ASSIGNMENT: Please report, as a bare number, how many lines below include the string "SHEAR".

------------------------

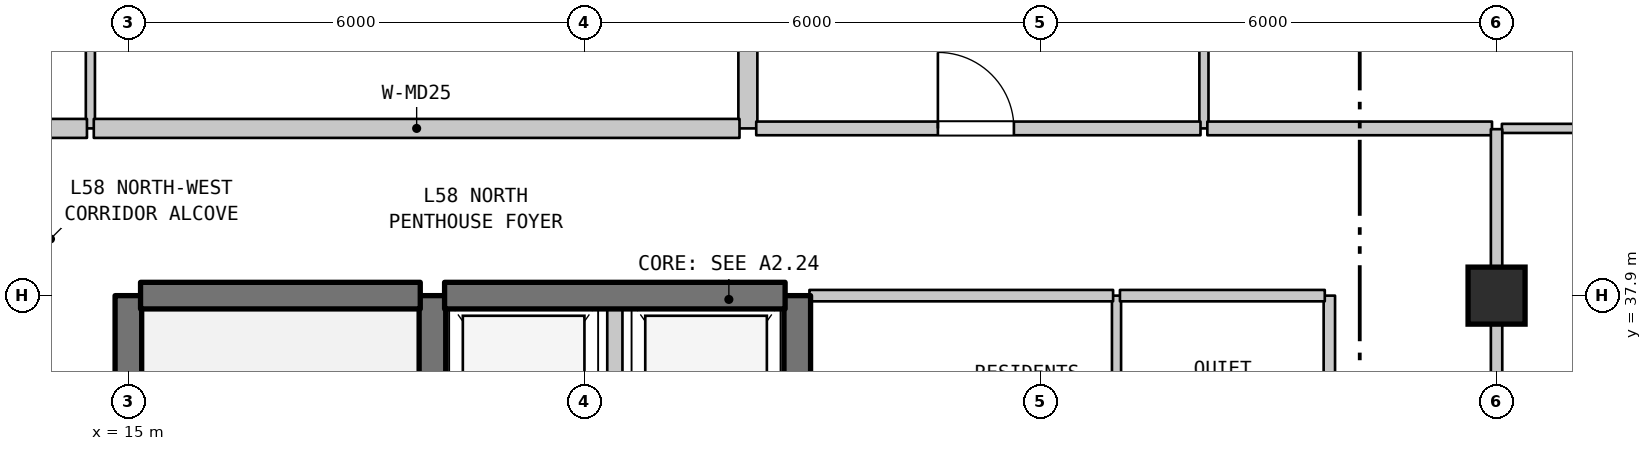
"""IFC4 building model, lengths in metres.
Left out: names, types, materials, properties, quantities, classifications, styles, units other than length and angle.
Written with IfcOpenShell. Run it as: python <this file> out.ifc"""

import sys

from ifc_helpers import new_model, si_unit, direction, frame, frame_2d, origin, origin_2d, place, context, subcontext, project, spatial, rectangle, extrude, element, fill, save


model = new_model("IFC4")
c1 = context("Model", 3, precision=1e-05, world=origin(), true_north=direction((0.0, 1.0)))
c2 = subcontext(c1, "Body", "Model", "MODEL_VIEW")
j1 = project(units=[si_unit("LENGTHUNIT", "METRE"), si_unit("PLANEANGLEUNIT", "RADIAN")], contexts=[c1])
p1 = place(None, origin())
s1 = spatial("IfcSite", under=j1, at=p1, CompositionType="ELEMENT")
p2 = place(p1, origin())
s2 = spatial("IfcBuilding", under=s1, at=p2, CompositionType="ELEMENT")
p3 = place(p2, frame((0.0, 0.0, 233.9)))
s3 = spatial("IfcBuildingStorey", under=s2, at=p3, CompositionType="ELEMENT", Elevation=233.9)
p4 = place(p3, frame((33.0, 37.9, 0.0), z_axis=(0.0, 0.0, 1.0), x_axis=(1.0, 0.0, 0.0)))
e1 = element("IfcColumn", 1, at=p4, inside=s3, PredefinedType="COLUMN", context=c2, shape_type="SweptSolid", body=[
    extrude(rectangle(XDim=0.75, YDim=0.75, at=origin_2d()), origin(), (0.0, 0.0, 1.0), 3.7),
])
p5 = place(p3, frame((14.5, 40.1, 0.0), z_axis=(0.0, 0.0, 1.0), x_axis=(0.0, 1.0, 0.0)))
e2 = element("IfcWall", 2, at=p5, inside=s3, PredefinedType="PARTITIONING", context=c2, shape_type="SweptSolid", body=[
    extrude(rectangle(XDim=4.2, YDim=0.12, at=frame_2d((2.1, 0.0))), origin(), (0.0, 0.0, 1.0), 3.28),
])
p6 = place(p3, frame((15.0, 31.1, 0.0), z_axis=(0.0, 0.0, 1.0), x_axis=(0.0, 1.0, 0.0)))
e3 = element("IfcWall", 3, at=p6, inside=s3, PredefinedType="SHEAR", context=c2, shape_type="SweptSolid", body=[
    extrude(rectangle(XDim=6.8, YDim=0.35, at=frame_2d((3.4, 0.0))), origin(), (0.0, 0.0, 1.0), 3.28),
])
p7 = place(p3, frame((19.0, 35.0, 0.0), z_axis=(0.0, 0.0, 1.0), x_axis=(0.0, 1.0, 0.0)))
e4 = element("IfcWall", 4, at=p7, inside=s3, PredefinedType="SHEAR", context=c2, shape_type="SweptSolid", body=[
    extrude(rectangle(XDim=2.9, YDim=0.35, at=frame_2d((1.45, 0.0))), origin(), (0.0, 0.0, 1.0), 3.28),
])
p8 = place(p3, frame((21.4, 35.0, 0.0), z_axis=(0.0, 0.0, 1.0), x_axis=(0.0, 1.0, 0.0)))
e5 = element("IfcWall", 5, at=p8, inside=s3, PredefinedType="STANDARD", context=c2, shape_type="SweptSolid", body=[
    extrude(rectangle(XDim=2.9, YDim=0.2, at=frame_2d((1.45, 0.0))), origin(), (0.0, 0.0, 1.0), 3.28),
])
p9 = place(p3, frame((23.15, 40.1, 0.0), z_axis=(0.0, 0.0, 1.0), x_axis=(0.0, 1.0, 0.0)))
e6 = element("IfcWall", 6, at=p9, inside=s3, PredefinedType="STANDARD", context=c2, shape_type="SweptSolid", body=[
    extrude(rectangle(XDim=4.2, YDim=0.25, at=frame_2d((2.1, 0.0))), origin(), (0.0, 0.0, 1.0), 3.28),
])
p10 = place(p9, frame((1.577, 0.0, 0.0)))
e7 = element("IfcOpeningElement", 7, at=p10, cuts=e6, PredefinedType="OPENING", context=c2, shape_type="SweptSolid", body=[
    extrude(rectangle(XDim=0.9, YDim=2.15, at=frame_2d((0.45, 1.075))), frame((0.0, 0.135, 0.0), z_axis=(0.0, -1.0, 0.0), x_axis=(1.0, 0.0, 0.0)), (0.0, 0.0, 1.0), 0.27),
])
p11 = place(p3, frame((23.8, 35.0, 0.0), z_axis=(0.0, 0.0, 1.0), x_axis=(0.0, 1.0, 0.0)))
e8 = element("IfcWall", 8, at=p11, inside=s3, PredefinedType="SHEAR", context=c2, shape_type="SweptSolid", body=[
    extrude(rectangle(XDim=2.9, YDim=0.35, at=frame_2d((1.45, 0.0))), origin(), (0.0, 0.0, 1.0), 3.28),
])
p12 = place(p3, frame((28.0, 35.0, 0.0), z_axis=(0.0, 0.0, 1.0), x_axis=(0.0, 1.0, 0.0)))
e9 = element("IfcWall", 9, at=p12, inside=s3, PredefinedType="PARTITIONING", context=c2, shape_type="SweptSolid", body=[
    extrude(rectangle(XDim=2.9, YDim=0.12, at=frame_2d((1.45, 0.0))), origin(), (0.0, 0.0, 1.0), 3.28),
])
p13 = place(p3, frame((29.15, 40.1, 0.0), z_axis=(0.0, 0.0, 1.0), x_axis=(0.0, 1.0, 0.0)))
e10 = element("IfcWall", 10, at=p13, inside=s3, PredefinedType="PARTITIONING", context=c2, shape_type="SweptSolid", body=[
    extrude(rectangle(XDim=13.79, YDim=0.12, at=frame_2d((6.895, 0.0))), origin(), (0.0, 0.0, 1.0), 3.28),
])
p14 = place(p13, frame((6.2, 0.0, 0.0)))
e11 = element("IfcOpeningElement", 11, at=p14, cuts=e10, PredefinedType="OPENING", context=c2, shape_type="SweptSolid", body=[
    extrude(rectangle(XDim=0.9, YDim=2.15, at=frame_2d((0.45, 1.075))), frame((0.0, 0.07, 0.0), z_axis=(0.0, -1.0, 0.0), x_axis=(1.0, 0.0, 0.0)), (0.0, 0.0, 1.0), 0.14),
])
p15 = place(p3, frame((30.8, 35.0, 0.0), z_axis=(0.0, 0.0, 1.0), x_axis=(0.0, 1.0, 0.0)))
e12 = element("IfcWall", 12, at=p15, inside=s3, PredefinedType="STANDARD", context=c2, shape_type="SweptSolid", body=[
    extrude(rectangle(XDim=2.9, YDim=0.15, at=frame_2d((1.45, 0.0))), origin(), (0.0, 0.0, 1.0), 3.28),
])
p16 = place(p3, frame((33.0, 19.51, 0.0), z_axis=(0.0, 0.0, 1.0), x_axis=(0.0, 1.0, 0.0)))
e13 = element("IfcWall", 13, at=p16, inside=s3, PredefinedType="STANDARD", context=c2, shape_type="SweptSolid", body=[
    extrude(rectangle(XDim=18.39, YDim=0.15, at=frame_2d((9.195, 0.0))), origin(), (0.0, 0.0, 1.0), 2.78),
])
p17 = place(p16, frame((9.79, 0.0, 0.0)))
e14 = element("IfcOpeningElement", 14, at=p17, cuts=e13, PredefinedType="OPENING", context=c2, shape_type="SweptSolid", body=[
    extrude(rectangle(XDim=1.0, YDim=2.15, at=frame_2d((0.5, 1.075))), frame((0.0, 0.085, 0.0), z_axis=(0.0, -1.0, 0.0), x_axis=(1.0, 0.0, 0.0)), (0.0, 0.0, 1.0), 0.17),
])
p18 = place(p3, frame((15.16, 37.9, 0.0), z_axis=(0.0, 0.0, 1.0), x_axis=(1.0, 0.0, 0.0)))
e15 = element("IfcWall", 15, at=p18, inside=s3, PredefinedType="SHEAR", context=c2, shape_type="SweptSolid", body=[
    extrude(rectangle(XDim=3.68, YDim=0.35, at=frame_2d((1.84, 0.0))), origin(), (0.0, 0.0, 1.0), 3.28),
])
p19 = place(p3, frame((19.16, 37.9, 0.0), z_axis=(0.0, 0.0, 1.0), x_axis=(1.0, 0.0, 0.0)))
e16 = element("IfcWall", 16, at=p19, inside=s3, PredefinedType="SHEAR", context=c2, shape_type="SweptSolid", body=[
    extrude(rectangle(XDim=4.48, YDim=0.35, at=frame_2d((2.24, 0.0))), origin(), (0.0, 0.0, 1.0), 3.28),
])
p20 = place(p3, frame((23.96, 37.9, 0.0), z_axis=(0.0, 0.0, 1.0), x_axis=(1.0, 0.0, 0.0)))
e17 = element("IfcWall", 17, at=p20, inside=s3, PredefinedType="STANDARD", context=c2, shape_type="SweptSolid", body=[
    extrude(rectangle(XDim=3.995, YDim=0.15, at=frame_2d((1.998, 0.0))), origin(), (0.0, 0.0, 1.0), 2.68),
])
p21 = place(p3, frame((28.045, 37.9, 0.0), z_axis=(0.0, 0.0, 1.0), x_axis=(1.0, 0.0, 0.0)))
e18 = element("IfcWall", 18, at=p21, inside=s3, PredefinedType="STANDARD", context=c2, shape_type="SweptSolid", body=[
    extrude(rectangle(XDim=2.695, YDim=0.15, at=frame_2d((1.348, 0.0))), origin(), (0.0, 0.0, 1.0), 2.68),
])
p22 = place(p3, frame((12.975, 40.1, 0.0), z_axis=(0.0, 0.0, 1.0), x_axis=(1.0, 0.0, 0.0)))
e19 = element("IfcWall", 19, at=p22, inside=s3, PredefinedType="STANDARD", context=c2, shape_type="SweptSolid", body=[
    extrude(rectangle(XDim=1.48, YDim=0.25, at=frame_2d((0.74, 0.0))), origin(), (0.0, 0.0, 1.0), 3.28),
])
p23 = place(p3, frame((14.545, 40.1, 0.0), z_axis=(0.0, 0.0, 1.0), x_axis=(1.0, 0.0, 0.0)))
e20 = element("IfcWall", 20, at=p23, inside=s3, PredefinedType="STANDARD", context=c2, shape_type="SweptSolid", body=[
    extrude(rectangle(XDim=8.495, YDim=0.25, at=frame_2d((4.248, 0.0))), origin(), (0.0, 0.0, 1.0), 3.28),
])
p24 = place(p3, frame((23.26, 40.1, 0.0), z_axis=(0.0, 0.0, 1.0), x_axis=(1.0, 0.0, 0.0)))
e21 = element("IfcWall", 21, at=p24, inside=s3, PredefinedType="STANDARD", context=c2, shape_type="SweptSolid", body=[
    extrude(rectangle(XDim=5.845, YDim=0.18, at=frame_2d((2.922, 0.0))), origin(), (0.0, 0.0, 1.0), 3.28),
])
p25 = place(p24, frame((2.39, 0.0, 0.0)))
e22 = element("IfcOpeningElement", 22, at=p25, cuts=e21, PredefinedType="OPENING", context=c2, shape_type="SweptSolid", body=[
    extrude(rectangle(XDim=1.0, YDim=2.15, at=frame_2d((0.5, 1.075))), frame((0.0, 0.1, 0.0), z_axis=(0.0, -1.0, 0.0), x_axis=(1.0, 0.0, 0.0)), (0.0, 0.0, 1.0), 0.2),
])
p26 = place(p3, frame((29.195, 40.1, 0.0), z_axis=(0.0, 0.0, 1.0), x_axis=(1.0, 0.0, 0.0)))
e23 = element("IfcWall", 23, at=p26, inside=s3, PredefinedType="STANDARD", context=c2, shape_type="SweptSolid", body=[
    extrude(rectangle(XDim=3.745, YDim=0.18, at=frame_2d((1.873, 0.0))), origin(), (0.0, 0.0, 1.0), 3.28),
])
p27 = place(p3, frame((33.07, 40.1, 0.0), z_axis=(0.0, 0.0, 1.0), x_axis=(1.0, 0.0, 0.0)))
e24 = element("IfcWall", 24, at=p27, inside=s3, PredefinedType="PARTITIONING", context=c2, shape_type="SweptSolid", body=[
    extrude(rectangle(XDim=1.105, YDim=0.12, at=frame_2d((0.552, 0.0))), origin(), (0.0, 0.0, 1.0), 3.28),
])
p28 = place(p3, frame((33.0, 37.9, 0.0), z_axis=(0.0, 0.0, 1.0), x_axis=(0.0, 1.0, 0.0)))
e25 = element("IfcWall", 25, at=p28, inside=s3, PredefinedType="STANDARD", context=c2, shape_type="SweptSolid", body=[
    extrude(rectangle(XDim=2.19, YDim=0.15, at=frame_2d((1.095, 0.0))), origin(), (0.0, 0.0, 1.0), 2.68),
])
p29 = place(p25, origin())
e26 = element("IfcDoor", 26, at=p29, inside=s3, OperationType="SINGLE_SWING_LEFT", PredefinedType="DOOR", context=c2, shape_type="SweptSolid", body=[
    extrude(rectangle(XDim=1.0, YDim=2.15, at=frame_2d((0.5, 1.075))), frame((0.0, 0.025, 0.0), z_axis=(0.0, -1.0, 0.0), x_axis=(1.0, 0.0, 0.0)), (0.0, 0.0, 1.0), 0.05),
])
fill(e22, e26)
save(model, sys.argv[1])

------------------------

RESULT FOR THIS EXERCISE: 5